PROMPT: State how many lines in the entries below hold the string "SweptSolid", and give nothing besides that number.

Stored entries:
____
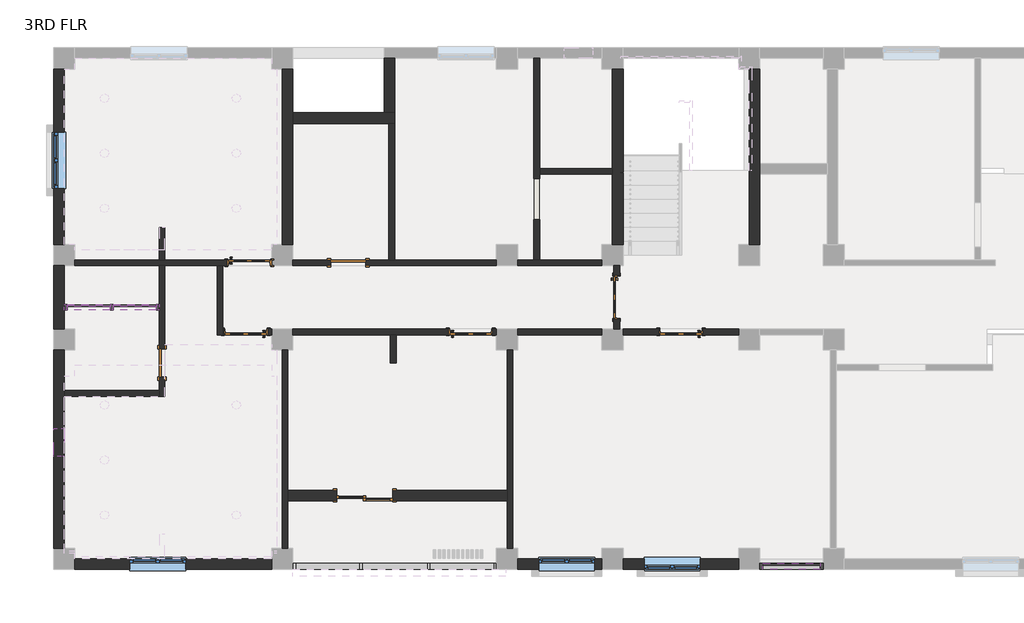
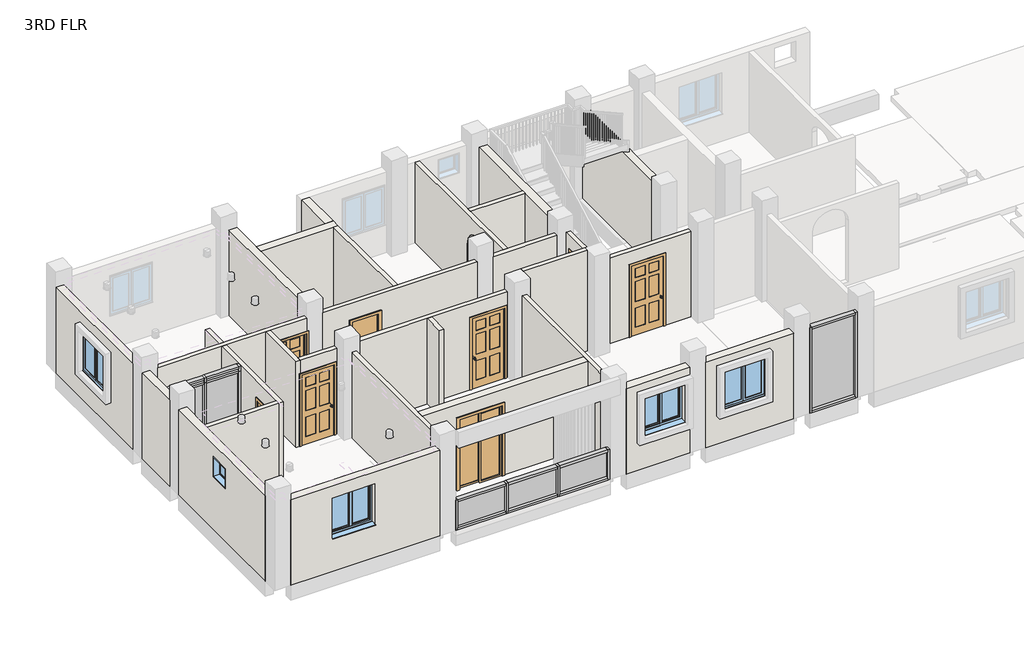
# One storey, part 1 of 5: 29 walls, 26 members, 8 doors, 8 plates, 5 windows.
"""IFC4 building model written with IfcOpenShell, lengths in millimetres."""

from ifc_helpers import new_model, si_unit, point, frame, origin, place, context, project, spatial, polyline, ellipse_curve, trimmed, outline, extrude, faceted_brep, transform, mapped, element, save
from ifc_brep_helpers import plane_surface, extruded_surface, advanced_brep
from components import door_double_sliding_4436dcad, door_c610b25b, door_03e3dfb5, single_flush_2_x_7_bath_room_door_025d1c86, door_e00f436c, member_f0fea5a5, member_f6f0dfdd, member_ee409385, member_876f8f00, member_2b4cd6f1, member_0dc43c0c, member_51239652, member_c58de4df, member_410c6227, member_73c23c35, member_71eb4692, member_9f3fc137, system_panel_glazed_e8343dfa, system_panel_glazed_58efc156, system_panel_glazed_69a0d9e9, system_panel_glazed_27716cba, system_panel_glazed_7ffa2d15, window_80340324, w2_0001_4_x_4_window_9dec5fc7

model = new_model("IFC4")

# Units and contexts
model_context = context("Model", 3, world=origin())
ifc_project = project(units=[si_unit("LENGTHUNIT", "METRE", prefix="MILLI")], contexts=[model_context])

# Site, building, storey
site = spatial("IfcSite", under=ifc_project)
building = spatial("IfcBuilding", under=site)
storey = spatial("IfcBuildingStorey", under=building, Name="3RD FLR", Elevation=9448.8)

# Doors
placement = place(None, origin())
door_double_sliding_shape = door_double_sliding_4436dcad(model_context)
element("IfcDoor", 1, ObjectType="Door-Double-Sliding", at=placement, inside=storey, context=model_context, shape_type="MappedRepresentation", body=[
    mapped(door_double_sliding_shape, transform((-8630.2456086, -9389.2679047, 9448.8), x_axis=(-1.0, 0.0, 0.0), y_axis=(0.0, -1.0, 0.0), z_axis=(0.0, 0.0, 1.0))),
])
door_shape = door_c610b25b(model_context)
element("IfcDoor", 2, ObjectType="Door-Interior-Single-6_Panel-Wood : 36\" x 84\"", at=placement, inside=storey, context=model_context, shape_type="MappedRepresentation", body=[
    mapped(door_shape, transform((-6331.5456086, -5967.8544704, 9448.8), x_axis=(1.0, 0.0, 0.0), y_axis=(0.0, 1.0, 0.0), z_axis=(0.0, 0.0, 1.0))),
])
element("IfcDoor", 3, ObjectType="Door-Interior-Single-6_Panel-Wood : 36\" x 84\"", at=placement, inside=storey, context=model_context, shape_type="MappedRepresentation", body=[
    mapped(door_shape, transform((-3172.4206086, -5215.3794704, 9448.8), x_axis=(0.0, -1.0, 0.0), y_axis=(1.0, 0.0, 0.0), z_axis=(0.0, 0.0, 1.0))),
])
door_2_shape = door_03e3dfb5(model_context)
element("IfcDoor", 4, ObjectType="Door-Interior-Single-6_Panel-Wood : 36\" x 84\"", at=placement, inside=storey, context=model_context, shape_type="MappedRepresentation", body=[
    mapped(door_2_shape, transform((-11207.742897, -5967.8544704, 9448.8), x_axis=(-1.0, 0.0, 0.0), y_axis=(0.0, -1.0, 0.0), z_axis=(0.0, 0.0, 1.0))),
])
element("IfcDoor", 5, ObjectType="Door-Interior-Single-6_Panel-Wood : 36\" x 84\"", at=placement, inside=storey, context=model_context, shape_type="MappedRepresentation", body=[
    mapped(door_2_shape, transform((-11132.1456086, -4462.9044704, 9448.8), x_axis=(1.0, 0.0, 0.0), y_axis=(0.0, 1.0, 0.0), z_axis=(0.0, 0.0, 1.0))),
])
element("IfcDoor", 6, ObjectType="Door-Interior-Single-6_Panel-Wood : 36\" x 84\"", at=placement, inside=storey, context=model_context, shape_type="MappedRepresentation", body=[
    mapped(door_2_shape, transform((-1773.9769742, -5967.8544704, 9448.8), x_axis=(-1.0, 0.0, 0.0), y_axis=(0.0, -1.0, 0.0), z_axis=(0.0, 0.0, 1.0))),
])
single_flush_2_x_7_bath_room_door_shape = single_flush_2_x_7_bath_room_door_025d1c86(model_context)
element("IfcDoor", 7, ObjectType="Single-Flush : 2' X 7' BATH ROOM DOOR", at=placement, inside=storey, context=model_context, shape_type="MappedRepresentation", body=[
    mapped(single_flush_2_x_7_bath_room_door_shape, transform((-13023.2401855, -6639.2659448, 9448.8), x_axis=(0.0, 1.0, 0.0), y_axis=(-1.0, 0.0, 0.0), z_axis=(0.0, 0.0, 1.0))),
])
door_3_shape = door_e00f436c(model_context)
element("IfcDoor", 8, ObjectType="Single-Flush : bathroom 2'6\" door", at=placement, inside=storey, context=model_context, shape_type="MappedRepresentation", body=[
    mapped(door_3_shape, transform((-8985.8456086, -4466.0794704, 9448.8), x_axis=(-1.0, 0.0, 0.0), y_axis=(0.0, -1.0, 0.0), z_axis=(0.0, 0.0, 1.0))),
])

# Members
member_shape = member_f0fea5a5(model_context)
element("IfcMember", 9, ObjectType="Rectangular Mullion : 2.5\" x 5\" rectangular", at=placement, inside=storey, context=model_context, shape_type="MappedRepresentation", body=[
    mapped(member_shape, transform((-14116.042897, -5431.2794704, 9448.8), x_axis=(1.0, 0.0, 0.0), y_axis=(0.0, -1.0, 0.0), z_axis=(0.0, 0.0, -1.0))),
])
member_2_shape = member_f6f0dfdd(model_context)
element("IfcMember", 10, ObjectType="Rectangular Mullion : 2.5\" x 5\" rectangular", at=placement, inside=storey, context=model_context, shape_type="MappedRepresentation", body=[
    mapped(member_2_shape, transform((-14116.042897, -5431.2794704, 11887.2), x_axis=(1.0, 0.0, 0.0), y_axis=(0.0, -1.0, 0.0), z_axis=(0.0, 0.0, -1.0))),
])
member_3_shape = member_ee409385(model_context)
element("IfcMember", 11, ObjectType="Rectangular Mullion : 2.5\" x 5\" rectangular", at=placement, inside=storey, context=model_context, shape_type="MappedRepresentation", body=[
    mapped(member_3_shape, transform((-13086.7401855, -5431.2794704, 9448.8), x_axis=(1.0, 0.0, 0.0), y_axis=(0.0, -1.0, 0.0), z_axis=(0.0, 0.0, -1.0))),
])
member_4_shape = member_876f8f00(model_context)
element("IfcMember", 12, ObjectType="Rectangular Mullion : 2.5\" x 5\" rectangular", at=placement, inside=storey, context=model_context, shape_type="MappedRepresentation", body=[
    mapped(member_4_shape, transform((-15145.3456086, -5431.2794704, 12039.6), x_axis=(-1.0, 0.0, 0.0), y_axis=(0.0, -1.0, 0.0), z_axis=(0.0, 0.0, 1.0))),
])
element("IfcMember", 13, ObjectType="Rectangular Mullion : 2.5\" x 5\" rectangular", at=placement, inside=storey, context=model_context, shape_type="MappedRepresentation", body=[
    mapped(member_4_shape, transform((-13086.7401855, -5431.2794704, 11887.2), x_axis=(1.0, 0.0, 0.0), y_axis=(0.0, -1.0, 0.0), z_axis=(0.0, 0.0, -1.0))),
])
element("IfcMember", 14, ObjectType="Rectangular Mullion : 2.5\" x 5\" rectangular", at=placement, inside=storey, context=model_context, shape_type="MappedRepresentation", body=[
    mapped(member_3_shape, transform((-15145.3456086, -5431.2794704, 11887.2), x_axis=(-1.0, 0.0, 0.0), y_axis=(0.0, -1.0, 0.0), z_axis=(0.0, 0.0, 1.0))),
])
member_5_shape = member_2b4cd6f1(model_context)
element("IfcMember", 15, ObjectType="Rectangular Mullion : 2.5\" x 5\" rectangular", at=placement, inside=storey, context=model_context, shape_type="MappedRepresentation", body=[
    mapped(member_5_shape, transform((-5836.2456086, -11052.9679047, 10363.2), x_axis=(0.0, 0.0, 1.0), y_axis=(0.0, -1.0, 0.0), z_axis=(1.0, 0.0, 0.0))),
])
element("IfcMember", 16, ObjectType="Rectangular Mullion : 2.5\" x 5\" rectangular", at=placement, inside=storey, context=model_context, shape_type="MappedRepresentation", body=[
    mapped(member_5_shape, transform((-8750.8956085, -11052.9679047, 10363.2), x_axis=(0.0, 0.0, 1.0), y_axis=(0.0, -1.0, 0.0), z_axis=(1.0, 0.0, 0.0))),
])
element("IfcMember", 17, ObjectType="Rectangular Mullion : 2.5\" x 5\" rectangular", at=placement, inside=storey, context=model_context, shape_type="MappedRepresentation", body=[
    mapped(member_5_shape, transform((-10128.8456086, -11052.9679047, 9448.8), x_axis=(0.0, 0.0, -1.0), y_axis=(0.0, -1.0, 0.0), z_axis=(-1.0, 0.0, 0.0))),
])
element("IfcMember", 18, ObjectType="Rectangular Mullion : 2.5\" x 5\" rectangular", at=placement, inside=storey, context=model_context, shape_type="MappedRepresentation", body=[
    mapped(member_5_shape, transform((-7214.1956087, -11052.9679047, 9448.8), x_axis=(0.0, 0.0, -1.0), y_axis=(0.0, -1.0, 0.0), z_axis=(-1.0, 0.0, 0.0))),
])
member_6_shape = member_0dc43c0c(model_context)
element("IfcMember", 19, ObjectType="Rectangular Mullion : 2.5\" x 5\" rectangular", at=placement, inside=storey, context=model_context, shape_type="MappedRepresentation", body=[
    mapped(member_6_shape, transform((-7277.6956087, -11052.9679047, 10363.2), x_axis=(0.0, 0.0, 1.0), y_axis=(0.0, -1.0, 0.0), z_axis=(1.0, 0.0, 0.0))),
])
element("IfcMember", 20, ObjectType="Rectangular Mullion : 2.5\" x 5\" rectangular", at=placement, inside=storey, context=model_context, shape_type="MappedRepresentation", body=[
    mapped(member_6_shape, transform((-8687.3956085, -11052.9679047, 9448.8), x_axis=(0.0, 0.0, -1.0), y_axis=(0.0, -1.0, 0.0), z_axis=(-1.0, 0.0, 0.0))),
])
member_7_shape = member_51239652(model_context)
element("IfcMember", 21, ObjectType="Rectangular Mullion : 2.5\" x 5\" rectangular", at=placement, inside=storey, context=model_context, shape_type="MappedRepresentation", body=[
    mapped(member_7_shape, transform((-13150.2401855, -5431.2794704, 12039.6), x_axis=(0.0, 0.0, 1.0), y_axis=(0.0, -1.0, 0.0), z_axis=(1.0, 0.0, 0.0))),
])
element("IfcMember", 22, ObjectType="Rectangular Mullion : 2.5\" x 5\" rectangular", at=placement, inside=storey, context=model_context, shape_type="MappedRepresentation", body=[
    mapped(member_7_shape, transform((-14147.792897, -5431.2794704, 12039.6), x_axis=(0.0, 0.0, 1.0), y_axis=(0.0, -1.0, 0.0), z_axis=(1.0, 0.0, 0.0))),
])
element("IfcMember", 23, ObjectType="Rectangular Mullion : 2.5\" x 5\" rectangular", at=placement, inside=storey, context=model_context, shape_type="MappedRepresentation", body=[
    mapped(member_7_shape, transform((-15081.8456086, -5431.2794704, 9448.8), x_axis=(0.0, 0.0, -1.0), y_axis=(0.0, -1.0, 0.0), z_axis=(-1.0, 0.0, 0.0))),
])
element("IfcMember", 24, ObjectType="Rectangular Mullion : 2.5\" x 5\" rectangular", at=placement, inside=storey, context=model_context, shape_type="MappedRepresentation", body=[
    mapped(member_7_shape, transform((-14084.292897, -5431.2794704, 9448.8), x_axis=(0.0, 0.0, -1.0), y_axis=(0.0, -1.0, 0.0), z_axis=(-1.0, 0.0, 0.0))),
])
member_8_shape = member_c58de4df(model_context)
element("IfcMember", 25, ObjectType="Rectangular Mullion : 2.5\" x 5\" rectangular", at=placement, inside=storey, context=model_context, shape_type="MappedRepresentation", body=[
    mapped(member_8_shape, transform((-14147.792897, -5431.2794704, 11887.2), x_axis=(0.0, 0.0, 1.0), y_axis=(0.0, -1.0, 0.0), z_axis=(1.0, 0.0, 0.0))),
])
element("IfcMember", 26, ObjectType="Rectangular Mullion : 2.5\" x 5\" rectangular", at=placement, inside=storey, context=model_context, shape_type="MappedRepresentation", body=[
    mapped(member_8_shape, transform((-13150.2401855, -5431.2794704, 11887.2), x_axis=(0.0, 0.0, 1.0), y_axis=(0.0, -1.0, 0.0), z_axis=(1.0, 0.0, 0.0))),
])
member_9_shape = member_410c6227(model_context)
element("IfcMember", 27, ObjectType="Rectangular Mullion : 2.5\" x 5\" rectangular", at=placement, inside=storey, context=model_context, shape_type="MappedRepresentation", body=[
    mapped(member_9_shape, transform((-8719.1456085, -11052.9679047, 9448.8), x_axis=(1.0, 0.0, 0.0), y_axis=(0.0, -1.0, 0.0), z_axis=(0.0, 0.0, -1.0))),
])
element("IfcMember", 28, ObjectType="Rectangular Mullion : 2.5\" x 5\" rectangular", at=placement, inside=storey, context=model_context, shape_type="MappedRepresentation", body=[
    mapped(member_9_shape, transform((-7245.9456087, -11052.9679047, 9448.8), x_axis=(1.0, 0.0, 0.0), y_axis=(0.0, -1.0, 0.0), z_axis=(0.0, 0.0, -1.0))),
])
member_10_shape = member_73c23c35(model_context)
element("IfcMember", 29, ObjectType="Rectangular Mullion : 2.5\" x 5\" rectangular", at=placement, inside=storey, context=model_context, shape_type="MappedRepresentation", body=[
    mapped(member_10_shape, transform((-5772.7456086, -11052.9679047, 9448.8), x_axis=(1.0, 0.0, 0.0), y_axis=(0.0, -1.0, 0.0), z_axis=(0.0, 0.0, -1.0))),
])
element("IfcMember", 30, ObjectType="Rectangular Mullion : 2.5\" x 5\" rectangular", at=placement, inside=storey, context=model_context, shape_type="MappedRepresentation", body=[
    mapped(member_10_shape, transform((-10192.3456086, -11052.9679047, 10363.2), x_axis=(-1.0, 0.0, 0.0), y_axis=(0.0, -1.0, 0.0), z_axis=(0.0, 0.0, 1.0))),
])
member_11_shape = member_71eb4692(model_context)
element("IfcMember", 31, ObjectType="Rectangular Mullion : 2.5\" x 5\" rectangular", at=placement, inside=storey, context=model_context, shape_type="MappedRepresentation", body=[
    mapped(member_11_shape, transform((1246.8916602, -11052.9679047, 12039.6), x_axis=(0.0, 0.0, 1.0), y_axis=(0.0, -1.0, 0.0), z_axis=(1.0, 0.0, 0.0))),
])
element("IfcMember", 32, ObjectType="Rectangular Mullion : 2.5\" x 5\" rectangular", at=placement, inside=storey, context=model_context, shape_type="MappedRepresentation", body=[
    mapped(member_11_shape, transform((2.2916602, -11052.9679047, 9448.8), x_axis=(0.0, 0.0, -1.0), y_axis=(0.0, -1.0, 0.0), z_axis=(-1.0, 0.0, 0.0))),
])
member_12_shape = member_9f3fc137(model_context)
element("IfcMember", 33, ObjectType="Rectangular Mullion : 2.5\" x 5\" rectangular", at=placement, inside=storey, context=model_context, shape_type="MappedRepresentation", body=[
    mapped(member_12_shape, transform((1310.3916602, -11052.9679047, 9448.8), x_axis=(1.0, 0.0, 0.0), y_axis=(0.0, -1.0, 0.0), z_axis=(0.0, 0.0, -1.0))),
])
element("IfcMember", 34, ObjectType="Rectangular Mullion : 2.5\" x 5\" rectangular", at=placement, inside=storey, context=model_context, shape_type="MappedRepresentation", body=[
    mapped(member_12_shape, transform((-61.2083398, -11052.9679047, 12039.6), x_axis=(-1.0, 0.0, 0.0), y_axis=(0.0, -1.0, 0.0), z_axis=(0.0, 0.0, 1.0))),
])

# Plates
system_panel_glazed_shape = system_panel_glazed_e8343dfa(model_context)
element("IfcPlate", 35, ObjectType="System Panel : Glazed", at=placement, inside=storey, context=model_context, shape_type="MappedRepresentation", body=[
    mapped(system_panel_glazed_shape, transform((-14614.8192528, -5431.2794704, 9512.3), x_axis=(1.0, 0.0, 0.0), y_axis=(0.0, 1.0, 0.0), z_axis=(0.0, 0.0, 1.0))),
])
element("IfcPlate", 36, ObjectType="System Panel : Glazed", at=placement, inside=storey, context=model_context, shape_type="MappedRepresentation", body=[
    mapped(system_panel_glazed_shape, transform((-13617.2665413, -5431.2794704, 9512.3), x_axis=(1.0, 0.0, 0.0), y_axis=(0.0, 1.0, 0.0), z_axis=(0.0, 0.0, 1.0))),
])
system_panel_glazed_2_shape = system_panel_glazed_58efc156(model_context)
element("IfcPlate", 37, ObjectType="System Panel : Glazed", at=placement, inside=storey, context=model_context, shape_type="MappedRepresentation", body=[
    mapped(system_panel_glazed_2_shape, transform((-14614.8192528, -5431.2794704, 11918.95), x_axis=(1.0, 0.0, 0.0), y_axis=(0.0, 1.0, 0.0), z_axis=(0.0, 0.0, 1.0))),
])
element("IfcPlate", 38, ObjectType="System Panel : Glazed", at=placement, inside=storey, context=model_context, shape_type="MappedRepresentation", body=[
    mapped(system_panel_glazed_2_shape, transform((-13617.2665413, -5431.2794704, 11918.95), x_axis=(1.0, 0.0, 0.0), y_axis=(0.0, 1.0, 0.0), z_axis=(0.0, 0.0, 1.0))),
])
system_panel_glazed_3_shape = system_panel_glazed_69a0d9e9(model_context)
element("IfcPlate", 39, ObjectType="System Panel : Glazed", at=placement, inside=storey, context=model_context, shape_type="MappedRepresentation", body=[
    mapped(system_panel_glazed_3_shape, transform((-9439.8706086, -11052.9679047, 9512.3), x_axis=(1.0, 0.0, 0.0), y_axis=(0.0, 1.0, 0.0), z_axis=(0.0, 0.0, 1.0))),
])
element("IfcPlate", 40, ObjectType="System Panel : Glazed", at=placement, inside=storey, context=model_context, shape_type="MappedRepresentation", body=[
    mapped(system_panel_glazed_3_shape, transform((-6525.2206087, -11052.9679047, 9512.3), x_axis=(1.0, 0.0, 0.0), y_axis=(0.0, 1.0, 0.0), z_axis=(0.0, 0.0, 1.0))),
])
system_panel_glazed_4_shape = system_panel_glazed_27716cba(model_context)
element("IfcPlate", 41, ObjectType="System Panel : Glazed", at=placement, inside=storey, context=model_context, shape_type="MappedRepresentation", body=[
    mapped(system_panel_glazed_4_shape, transform((-7982.5456086, -11052.9679047, 9512.3), x_axis=(1.0, 0.0, 0.0), y_axis=(0.0, 1.0, 0.0), z_axis=(0.0, 0.0, 1.0))),
])
system_panel_glazed_5_shape = system_panel_glazed_7ffa2d15(model_context)
element("IfcPlate", 42, ObjectType="System Panel : Glazed", at=placement, inside=storey, context=model_context, shape_type="MappedRepresentation", body=[
    mapped(system_panel_glazed_5_shape, transform((624.5916602, -11052.9679047, 9512.3), x_axis=(1.0, 0.0, 0.0), y_axis=(0.0, 1.0, 0.0), z_axis=(0.0, 0.0, 1.0))),
])

# Walls
element("IfcWall", 43, ObjectType="EXTERIOR WALL 9\"", at=placement, inside=storey, context=model_context, shape_type="SweptSolid", body=[
    extrude(outline(polyline([(9448.8, -14916.7456086), (9448.8, -10649.5456086), (12039.6, -10649.5456086), (12039.6, -14916.7456086), (9448.8, -14916.7456086)]), holes=[polyline([(10448.8, -12503.7456086), (10448.8, -13722.9456086), (11668.0, -13722.9456086), (11668.0, -12503.7456086), (10448.8, -12503.7456086)])]), frame((0.0, -11116.4679047, 0.0), z_axis=(0.0, 1.0, 0.0), x_axis=(0.0, 0.0, 1.0)), (0.0, 0.0, 1.0), 228.6),
])
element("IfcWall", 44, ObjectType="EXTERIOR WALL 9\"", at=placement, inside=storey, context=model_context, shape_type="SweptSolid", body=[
____
RESULT OF THIS TASK: 2